> [WORK ITEM] Could you copy each line of the listing that holds "CompositionType"?

> [DATASET EXCERPTS]
---*---

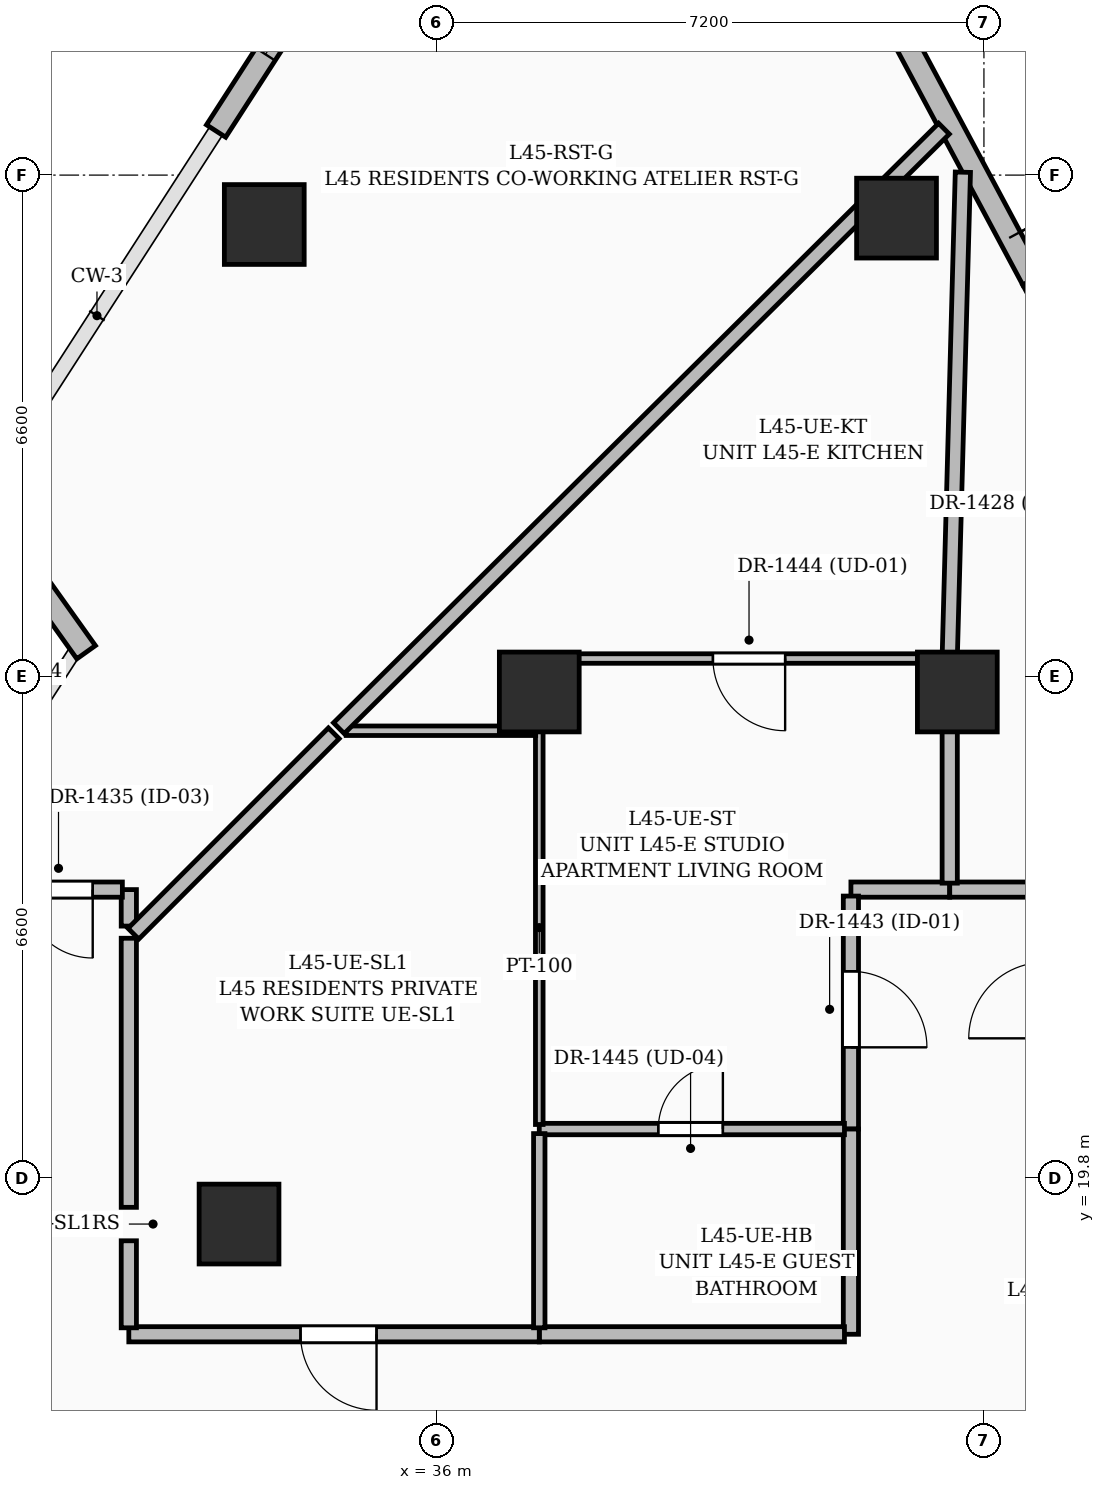
"""IFC4 building model, lengths in metres.
Left out: names, types, materials, properties, quantities, classifications, styles, units other than length and angle.
Written with IfcOpenShell. Run it as: python <this file> out.ifc"""

import sys

from ifc_helpers import new_model, si_unit, direction, frame, frame_2d, origin, origin_2d, place, context, subcontext, project, spatial, rectangle, extrude, element, fill, save


model = new_model("IFC4")
c1 = context("Model", 3, precision=1e-05, world=origin(), true_north=direction((0.0, 1.0)))
c2 = subcontext(c1, "Body", "Model", "MODEL_VIEW")
j1 = project(units=[si_unit("LENGTHUNIT", "METRE"), si_unit("PLANEANGLEUNIT", "RADIAN")], contexts=[c1])
p1 = place(None, origin())
s1 = spatial("IfcSite", under=j1, at=p1, CompositionType="ELEMENT")
p2 = place(p1, origin())
s2 = spatial("IfcBuilding", under=s1, at=p2, CompositionType="ELEMENT")
p3 = place(p2, frame((0.0, 0.0, 175.2)))
s3 = spatial("IfcBuildingStorey", under=s2, at=p3, CompositionType="ELEMENT", Elevation=175.2)
for number, where, z_axis, x_axis in (
    (1, (42.85, 26.2, 0.0), (0.0, 0.0, 1.0), (1.0, 0.0, 0.0)),
    (2, (37.35, 26.2, 0.0), (0.0, 0.0, 1.0), (1.0, 0.0, 0.0)),
    (3, (33.4, 19.2, 0.0), (0.0, 0.0, 1.0), (1.0, 0.0, 0.0)),
    (4, (42.05, 32.434, 0.0), (0.0, 0.0, 1.0), (1.0, 0.0, 0.0)),
    (5, (33.732, 32.35, 0.0), (0.0, 0.0, 1.0), (1.0, 0.0, 0.0)),
):
    element("IfcColumn", number, at=place(p3, frame(where, z_axis=z_axis, x_axis=x_axis)), inside=s3, PredefinedType="COLUMN", context=c2, shape_type="SweptSolid", body=[
        extrude(rectangle(XDim=1.05, YDim=1.05, at=origin_2d()), origin(), (0.0, 0.0, 1.0), 3.6),
    ])
p4 = place(p3, frame((31.388, 26.723, 0.0), z_axis=(0.0, 0.0, 1.0), x_axis=(-0.580409797139, 0.814324546716, 0.0)))
e6 = element("IfcWall", 6, at=p4, inside=s3, PredefinedType="SOLIDWALL", context=c2, shape_type="SweptSolid", body=[
    extrude(rectangle(XDim=2.594, YDim=0.3, at=frame_2d((1.297, 0.0))), origin(), (0.0, 0.0, 1.0), 2.575),
])
p5 = place(p3, frame((33.098, 33.58, 0.0), z_axis=(0.0, 0.0, 1.0), x_axis=(0.542037422538, 0.840354349408, 0.0)))
e7 = element("IfcWall", 7, at=p5, inside=s3, PredefinedType="SOLIDWALL", context=c2, shape_type="SweptSolid", body=[
    extrude(rectangle(XDim=5.782, YDim=0.3, at=frame_2d((2.891, 0.0))), origin(), (0.0, 0.0, 1.0), 3.35),
])
p6 = place(p5, frame((1.2, 0.0, 0.6)))
e8 = element("IfcOpeningElement", 8, at=p6, cuts=e7, PredefinedType="OPENING", context=c2, shape_type="SweptSolid", body=[
    extrude(rectangle(XDim=2.4, YDim=2.1, at=frame_2d((1.2, 1.05))), frame((0.0, 0.16, 0.0), z_axis=(0.0, -1.0, 0.0), x_axis=(1.0, 0.0, 0.0)), (0.0, 0.0, 1.0), 0.32),
])
p7 = place(p3, frame((40.495, 37.885, 0.0), z_axis=(0.0, 0.0, 1.0), x_axis=(0.471731834897, -0.88174206883, 0.0)))
e9 = element("IfcWall", 9, at=p7, inside=s3, PredefinedType="SOLIDWALL", context=c2, shape_type="SweptSolid", body=[
    extrude(rectangle(XDim=7.1, YDim=0.3, at=frame_2d((3.55, 0.0))), origin(), (0.0, 0.0, 1.0), 3.35),
])
p8 = place(p7, frame((2.22, 0.0, 0.8)))
e10 = element("IfcOpeningElement", 10, at=p8, cuts=e9, PredefinedType="OPENING", context=c2, shape_type="SweptSolid", body=[
    extrude(rectangle(XDim=1.2, YDim=1.8, at=frame_2d((0.6, 0.9))), frame((0.0, 0.16, 0.0), z_axis=(0.0, -1.0, 0.0), x_axis=(1.0, 0.0, 0.0)), (0.0, 0.0, 1.0), 0.32),
])
p9 = place(p3, frame((43.844, 31.625, 0.0), z_axis=(0.0, 0.0, 1.0), x_axis=(0.471736169991, -0.881739749542, 0.0)))
e11 = element("IfcWall", 11, at=p9, inside=s3, PredefinedType="SOLIDWALL", context=c2, shape_type="SweptSolid", body=[
    extrude(rectangle(XDim=7.68, YDim=0.3, at=frame_2d((3.84, 0.0))), origin(), (0.0, 0.0, 1.0), 3.35),
])
p10 = place(p9, frame((1.59, 0.0, 0.0)))
e12 = element("IfcOpeningElement", 12, at=p10, cuts=e11, PredefinedType="OPENING", context=c2, shape_type="SweptSolid", body=[
    extrude(rectangle(XDim=1.0, YDim=2.2, at=frame_2d((0.5, 1.1))), frame((0.0, 0.16, 0.0), z_axis=(0.0, -1.0, 0.0), x_axis=(1.0, 0.0, 0.0)), (0.0, 0.0, 1.0), 0.32),
])
p11 = place(p3, frame((42.75, 23.6, 0.0), z_axis=(0.0, 0.0, 1.0), x_axis=(-1.0, 0.0, 0.0)))
e13 = element("IfcWall", 13, at=p11, inside=s3, PredefinedType="PARTITIONING", context=c2, shape_type="SweptSolid", body=[
    extrude(rectangle(XDim=1.3, YDim=0.2, at=frame_2d((0.65, 0.0))), origin(), (0.0, 0.0, 1.0), 3.35),
])
p12 = place(p3, frame((41.45, 23.515, 0.0), z_axis=(0.0, 0.0, 1.0), x_axis=(0.0, -1.0, 0.0)))
e14 = element("IfcWall", 14, at=p12, inside=s3, PredefinedType="PARTITIONING", context=c2, shape_type="SweptSolid", body=[
    extrude(rectangle(XDim=3.065, YDim=0.2, at=frame_2d((1.532, 0.0))), origin(), (0.0, 0.0, 1.0), 3.35),
])
p13 = place(p12, frame((0.99, 0.0, 0.0)))
e15 = element("IfcOpeningElement", 15, at=p13, cuts=e14, PredefinedType="OPENING", context=c2, shape_type="SweptSolid", body=[
    extrude(rectangle(XDim=1.0, YDim=2.2, at=frame_2d((0.5, 1.1))), frame((0.0, 0.11, 0.0), z_axis=(0.0, -1.0, 0.0), x_axis=(1.0, 0.0, 0.0)), (0.0, 0.0, 1.0), 0.22),
])
p14 = place(p3, frame((41.45, 20.45, 0.0), z_axis=(0.0, 0.0, 1.0), x_axis=(0.0, -1.0, 0.0)))
e16 = element("IfcWall", 16, at=p14, inside=s3, PredefinedType="PARTITIONING", context=c2, shape_type="SweptSolid", body=[
    extrude(rectangle(XDim=2.7, YDim=0.2, at=frame_2d((1.35, 0.0))), origin(), (0.0, 0.0, 1.0), 2.853),
])
p15 = place(p3, frame((41.365, 17.75, 0.0), z_axis=(0.0, 0.0, 1.0), x_axis=(-1.0, 0.0, 0.0)))
e17 = element("IfcWall", 17, at=p15, inside=s3, PredefinedType="PARTITIONING", context=c2, shape_type="SweptSolid", body=[
    extrude(rectangle(XDim=4.015, YDim=0.2, at=frame_2d((2.007, 0.0))), origin(), (0.0, 0.0, 1.0), 3.35),
])
p16 = place(p3, frame((37.35, 17.75, 0.0), z_axis=(0.0, 0.0, 1.0), x_axis=(-1.0, 0.0, 0.0)))
e18 = element("IfcWall", 18, at=p16, inside=s3, PredefinedType="PARTITIONING", context=c2, shape_type="SweptSolid", body=[
    extrude(rectangle(XDim=5.4, YDim=0.2, at=frame_2d((2.7, 0.0))), origin(), (0.0, 0.0, 1.0), 2.436),
])
p17 = place(p16, frame((2.141, 0.0, 0.0)))
e19 = element("IfcOpeningElement", 19, at=p17, cuts=e18, PredefinedType="OPENING", context=c2, shape_type="SweptSolid", body=[
    extrude(rectangle(XDim=1.0, YDim=2.2, at=frame_2d((0.5, 1.1))), frame((0.0, 0.11, 0.0), z_axis=(0.0, -1.0, 0.0), x_axis=(1.0, 0.0, 0.0)), (0.0, 0.0, 1.0), 0.22),
])
p18 = place(p3, frame((31.95, 17.835, 0.0), z_axis=(0.0, 0.0, 1.0), x_axis=(0.0, 1.0, 0.0)))
e20 = element("IfcWall", 20, at=p18, inside=s3, PredefinedType="PARTITIONING", context=c2, shape_type="SweptSolid", body=[
    extrude(rectangle(XDim=1.145, YDim=0.2, at=frame_2d((0.573, 0.0))), origin(), (0.0, 0.0, 1.0), 3.35),
])
p19 = place(p3, frame((31.95, 19.42, 0.0), z_axis=(0.0, 0.0, 1.0), x_axis=(0.0, 1.0, 0.0)))
e21 = element("IfcWall", 21, at=p19, inside=s3, PredefinedType="PARTITIONING", context=c2, shape_type="SweptSolid", body=[
    extrude(rectangle(XDim=3.54, YDim=0.2, at=frame_2d((1.77, 0.0))), origin(), (0.0, 0.0, 1.0), 2.464),
])
p20 = place(p3, frame((43.915, 23.6, 0.0), z_axis=(0.0, 0.0, 1.0), x_axis=(-1.0, 0.0, 0.0)))
e22 = element("IfcWall", 22, at=p20, inside=s3, PredefinedType="PARTITIONING", context=c2, shape_type="SweptSolid", body=[
    extrude(rectangle(XDim=1.165, YDim=0.2, at=frame_2d((0.583, 0.0))), origin(), (0.0, 0.0, 1.0), 2.436),
])
p21 = place(p3, frame((31.95, 23.12, 0.0), z_axis=(0.0, 0.0, 1.0), x_axis=(0.0, 1.0, 0.0)))
e23 = element("IfcWall", 23, at=p21, inside=s3, PredefinedType="PARTITIONING", context=c2, shape_type="SweptSolid", body=[
    extrude(rectangle(XDim=0.48, YDim=0.2, at=frame_2d((0.24, 0.0))), origin(), (0.0, 0.0, 1.0), 2.86),
])
p22 = place(p3, frame((31.865, 23.6, 0.0), z_axis=(0.0, 0.0, 1.0), x_axis=(-1.0, 0.0, 0.0)))
e24 = element("IfcWall", 24, at=p22, inside=s3, PredefinedType="PARTITIONING", context=c2, shape_type="SweptSolid", body=[
    extrude(rectangle(XDim=1.765, YDim=0.2, at=frame_2d((0.882, 0.0))), origin(), (0.0, 0.0, 1.0), 3.35),
])
p23 = place(p22, frame((0.39, 0.0, 0.0)))
e25 = element("IfcOpeningElement", 25, at=p23, cuts=e24, PredefinedType="OPENING", context=c2, shape_type="SweptSolid", body=[
    extrude(rectangle(XDim=0.9, YDim=2.1, at=frame_2d((0.45, 1.05))), frame((0.0, 0.11, 0.0), z_axis=(0.0, -1.0, 0.0), x_axis=(1.0, 0.0, 0.0)), (0.0, 0.0, 1.0), 0.22),
])
p24 = place(p3, frame((37.35, 20.45, 0.0), z_axis=(0.0, 0.0, 1.0), x_axis=(1.0, 0.0, 0.0)))
e26 = element("IfcWall", 26, at=p24, inside=s3, PredefinedType="PARTITIONING", context=c2, shape_type="SweptSolid", body=[
    extrude(rectangle(XDim=4.015, YDim=0.15, at=frame_2d((2.007, 0.0))), origin(), (0.0, 0.0, 1.0), 3.35),
])
p25 = place(p24, frame((1.566, 0.0, 0.0)))
e27 = element("IfcOpeningElement", 27, at=p25, cuts=e26, PredefinedType="OPENING", context=c2, shape_type="SweptSolid", body=[
    extrude(rectangle(XDim=0.85, YDim=2.1, at=frame_2d((0.425, 1.05))), frame((0.0, 0.085, 0.0), z_axis=(0.0, -1.0, 0.0), x_axis=(1.0, 0.0, 0.0)), (0.0, 0.0, 1.0), 0.17),
])
p26 = place(p3, frame((42.75, 26.64, 0.0), z_axis=(0.0, 0.0, 1.0), x_axis=(-1.0, 0.0, 0.0)))
e28 = element("IfcWall", 28, at=p26, inside=s3, PredefinedType="PARTITIONING", context=c2, shape_type="SweptSolid", body=[
    extrude(rectangle(XDim=5.4, YDim=0.125, at=frame_2d((2.7, 0.0))), origin(), (0.0, 0.0, 1.0), 3.35),
])
p27 = place(p26, frame((2.165, 0.0, 0.0)))
e29 = element("IfcOpeningElement", 29, at=p27, cuts=e28, PredefinedType="OPENING", context=c2, shape_type="SweptSolid", body=[
    extrude(rectangle(XDim=0.95, YDim=2.2, at=frame_2d((0.475, 1.1))), frame((0.0, 0.072, 0.0), z_axis=(0.0, -1.0, 0.0), x_axis=(1.0, 0.0, 0.0)), (0.0, 0.0, 1.0), 0.145),
])
p28 = place(p3, frame((37.35, 26.593, 0.0), z_axis=(0.0, 0.0, 1.0), x_axis=(0.0, -1.0, 0.0)))
e30 = element("IfcWall", 30, at=p28, inside=s3, PredefinedType="PARTITIONING", context=c2, shape_type="SweptSolid", body=[
    extrude(rectangle(XDim=0.903, YDim=0.125, at=frame_2d((0.451, 0.0))), origin(), (0.0, 0.0, 1.0), 3.35),
])
p29 = place(p3, frame((37.35, 25.69, 0.0), z_axis=(0.0, 0.0, 1.0), x_axis=(0.0, -1.0, 0.0)))
e31 = element("IfcWall", 31, at=p29, inside=s3, PredefinedType="PARTITIONING", context=c2, shape_type="SweptSolid", body=[
    extrude(rectangle(XDim=5.18, YDim=0.1, at=frame_2d((2.59, 0.0))), origin(), (0.0, 0.0, 1.0), 3.35),
])
p30 = place(p3, frame((42.75, 23.685, 0.0), z_axis=(0.0, 0.0, 1.0), x_axis=(0.0, 1.0, 0.0)))
e32 = element("IfcWall", 32, at=p30, inside=s3, PredefinedType="PARTITIONING", context=c2, shape_type="SweptSolid", body=[
    extrude(rectangle(XDim=2.907, YDim=0.2, at=frame_2d((1.454, 0.0))), origin(), (0.0, 0.0, 1.0), 3.35),
])
p31 = place(p3, frame((37.35, 20.39, 0.0), z_axis=(0.0, 0.0, 1.0), x_axis=(0.0, -1.0, 0.0)))
e33 = element("IfcWall", 33, at=p31, inside=s3, PredefinedType="PARTITIONING", context=c2, shape_type="SweptSolid", body=[
    extrude(rectangle(XDim=2.555, YDim=0.15, at=frame_2d((1.277, 0.0))), origin(), (0.0, 0.0, 1.0), 2.853),
])
p32 = place(p3, frame((34.81, 25.69, 0.0), z_axis=(0.0, 0.0, 1.0), x_axis=(1.0, 0.0, 0.0)))
e34 = element("IfcWall", 34, at=p32, inside=s3, PredefinedType="PARTITIONING", context=c2, shape_type="SweptSolid", body=[
    extrude(rectangle(XDim=2.492, YDim=0.125, at=frame_2d((1.246, 0.0))), origin(), (0.0, 0.0, 1.0), 2.436),
])
p33 = place(p3, frame((42.751, 26.688, 0.0), z_axis=(0.0, 0.0, 1.0), x_axis=(0.027092926653, 0.999632919289, 0.0)))
e35 = element("IfcWall", 35, at=p33, inside=s3, PredefinedType="PARTITIONING", context=c2, shape_type="SweptSolid", body=[
    extrude(rectangle(XDim=6.353, YDim=0.2, at=frame_2d((3.177, 0.0))), origin(), (0.0, 0.0, 1.0), 2.464),
])
p34 = place(p3, frame((42.674, 33.611, 0.0), z_axis=(0.0, 0.0, 1.0), x_axis=(-0.710345403642, -0.703853257096, 0.0)))
e36 = element("IfcWall", 36, at=p34, inside=s3, PredefinedType="PARTITIONING", context=c2, shape_type="SweptSolid", body=[
    extrude(rectangle(XDim=11.207, YDim=0.2, at=frame_2d((5.603, 0.0))), origin(), (0.0, 0.0, 1.0), 2.464),
])
p35 = place(p3, frame((34.646, 25.656, 0.0), z_axis=(0.0, 0.0, 1.0), x_axis=(-0.707106781187, -0.707106781187, 0.0)))
e37 = element("IfcWall", 37, at=p35, inside=s3, PredefinedType="PARTITIONING", context=c2, shape_type="SweptSolid", body=[
    extrude(rectangle(XDim=3.729, YDim=0.2, at=frame_2d((1.864, 0.0))), origin(), (0.0, 0.0, 1.0), 2.86),
])
p36 = place(p6, origin())
e38 = element("IfcWindow", 38, at=p36, inside=s3, PartitioningType="SINGLE_PANEL", PredefinedType="WINDOW", context=c2, shape_type="SweptSolid", body=[
    extrude(rectangle(XDim=2.4, YDim=2.1, at=frame_2d((1.2, 1.05))), frame((0.0, 0.03, 0.0), z_axis=(0.0, -1.0, 0.0), x_axis=(1.0, 0.0, 0.0)), (0.0, 0.0, 1.0), 0.06),
])
fill(e8, e38)
p37 = place(p23, origin())
e39 = element("IfcDoor", 39, at=p37, inside=s3, OperationType="SINGLE_SWING_LEFT", PredefinedType="DOOR", context=c2, shape_type="SweptSolid", body=[
    extrude(rectangle(XDim=0.9, YDim=2.1, at=frame_2d((0.45, 1.05))), frame((0.0, 0.025, 0.0), z_axis=(0.0, -1.0, 0.0), x_axis=(1.0, 0.0, 0.0)), (0.0, 0.0, 1.0), 0.05),
])
fill(e25, e39)
p38 = place(p13, origin())
e40 = element("IfcDoor", 40, at=p38, inside=s3, OperationType="SINGLE_SWING_RIGHT", PredefinedType="DOOR", context=c2, shape_type="SweptSolid", body=[
    extrude(rectangle(XDim=1.0, YDim=2.2, at=frame_2d((0.5, 1.1))), frame((0.0, 0.025, 0.0), z_axis=(0.0, -1.0, 0.0), x_axis=(1.0, 0.0, 0.0)), (0.0, 0.0, 1.0), 0.05),
])
fill(e15, e40)
p39 = place(p27, origin())
e41 = element("IfcDoor", 41, at=p39, inside=s3, OperationType="SINGLE_SWING_LEFT", PredefinedType="DOOR", context=c2, shape_type="SweptSolid", body=[
    extrude(rectangle(XDim=0.95, YDim=2.2, at=frame_2d((0.475, 1.1))), frame((0.0, 0.025, 0.0), z_axis=(0.0, -1.0, 0.0), x_axis=(1.0, 0.0, 0.0)), (0.0, 0.0, 1.0), 0.05),
])
fill(e29, e41)
p40 = place(p25, origin())
e42 = element("IfcDoor", 42, at=p40, inside=s3, OperationType="SINGLE_SWING_RIGHT", PredefinedType="DOOR", context=c2, shape_type="SweptSolid", body=[
    extrude(rectangle(XDim=0.85, YDim=2.1, at=frame_2d((0.425, 1.05))), frame((0.0, 0.025, 0.0), z_axis=(0.0, -1.0, 0.0), x_axis=(1.0, 0.0, 0.0)), (0.0, 0.0, 1.0), 0.05),
])
fill(e27, e42)
p41 = place(p17, origin())
e43 = element("IfcDoor", 43, at=p41, inside=s3, OperationType="SINGLE_SWING_LEFT", PredefinedType="DOOR", context=c2, shape_type="SweptSolid", body=[
    extrude(rectangle(XDim=1.0, YDim=2.2, at=frame_2d((0.5, 1.1))), frame((0.0, 0.025, 0.0), z_axis=(0.0, -1.0, 0.0), x_axis=(1.0, 0.0, 0.0)), (0.0, 0.0, 1.0), 0.05),
])
fill(e19, e43)
save(model, sys.argv[1])

---*---

> [WRITTEN SOLUTION]
s1 = spatial("IfcSite", under=j1, at=p1, CompositionType="ELEMENT")
s2 = spatial("IfcBuilding", under=s1, at=p2, CompositionType="ELEMENT")
s3 = spatial("IfcBuildingStorey", under=s2, at=p3, CompositionType="ELEMENT", Elevation=175.2)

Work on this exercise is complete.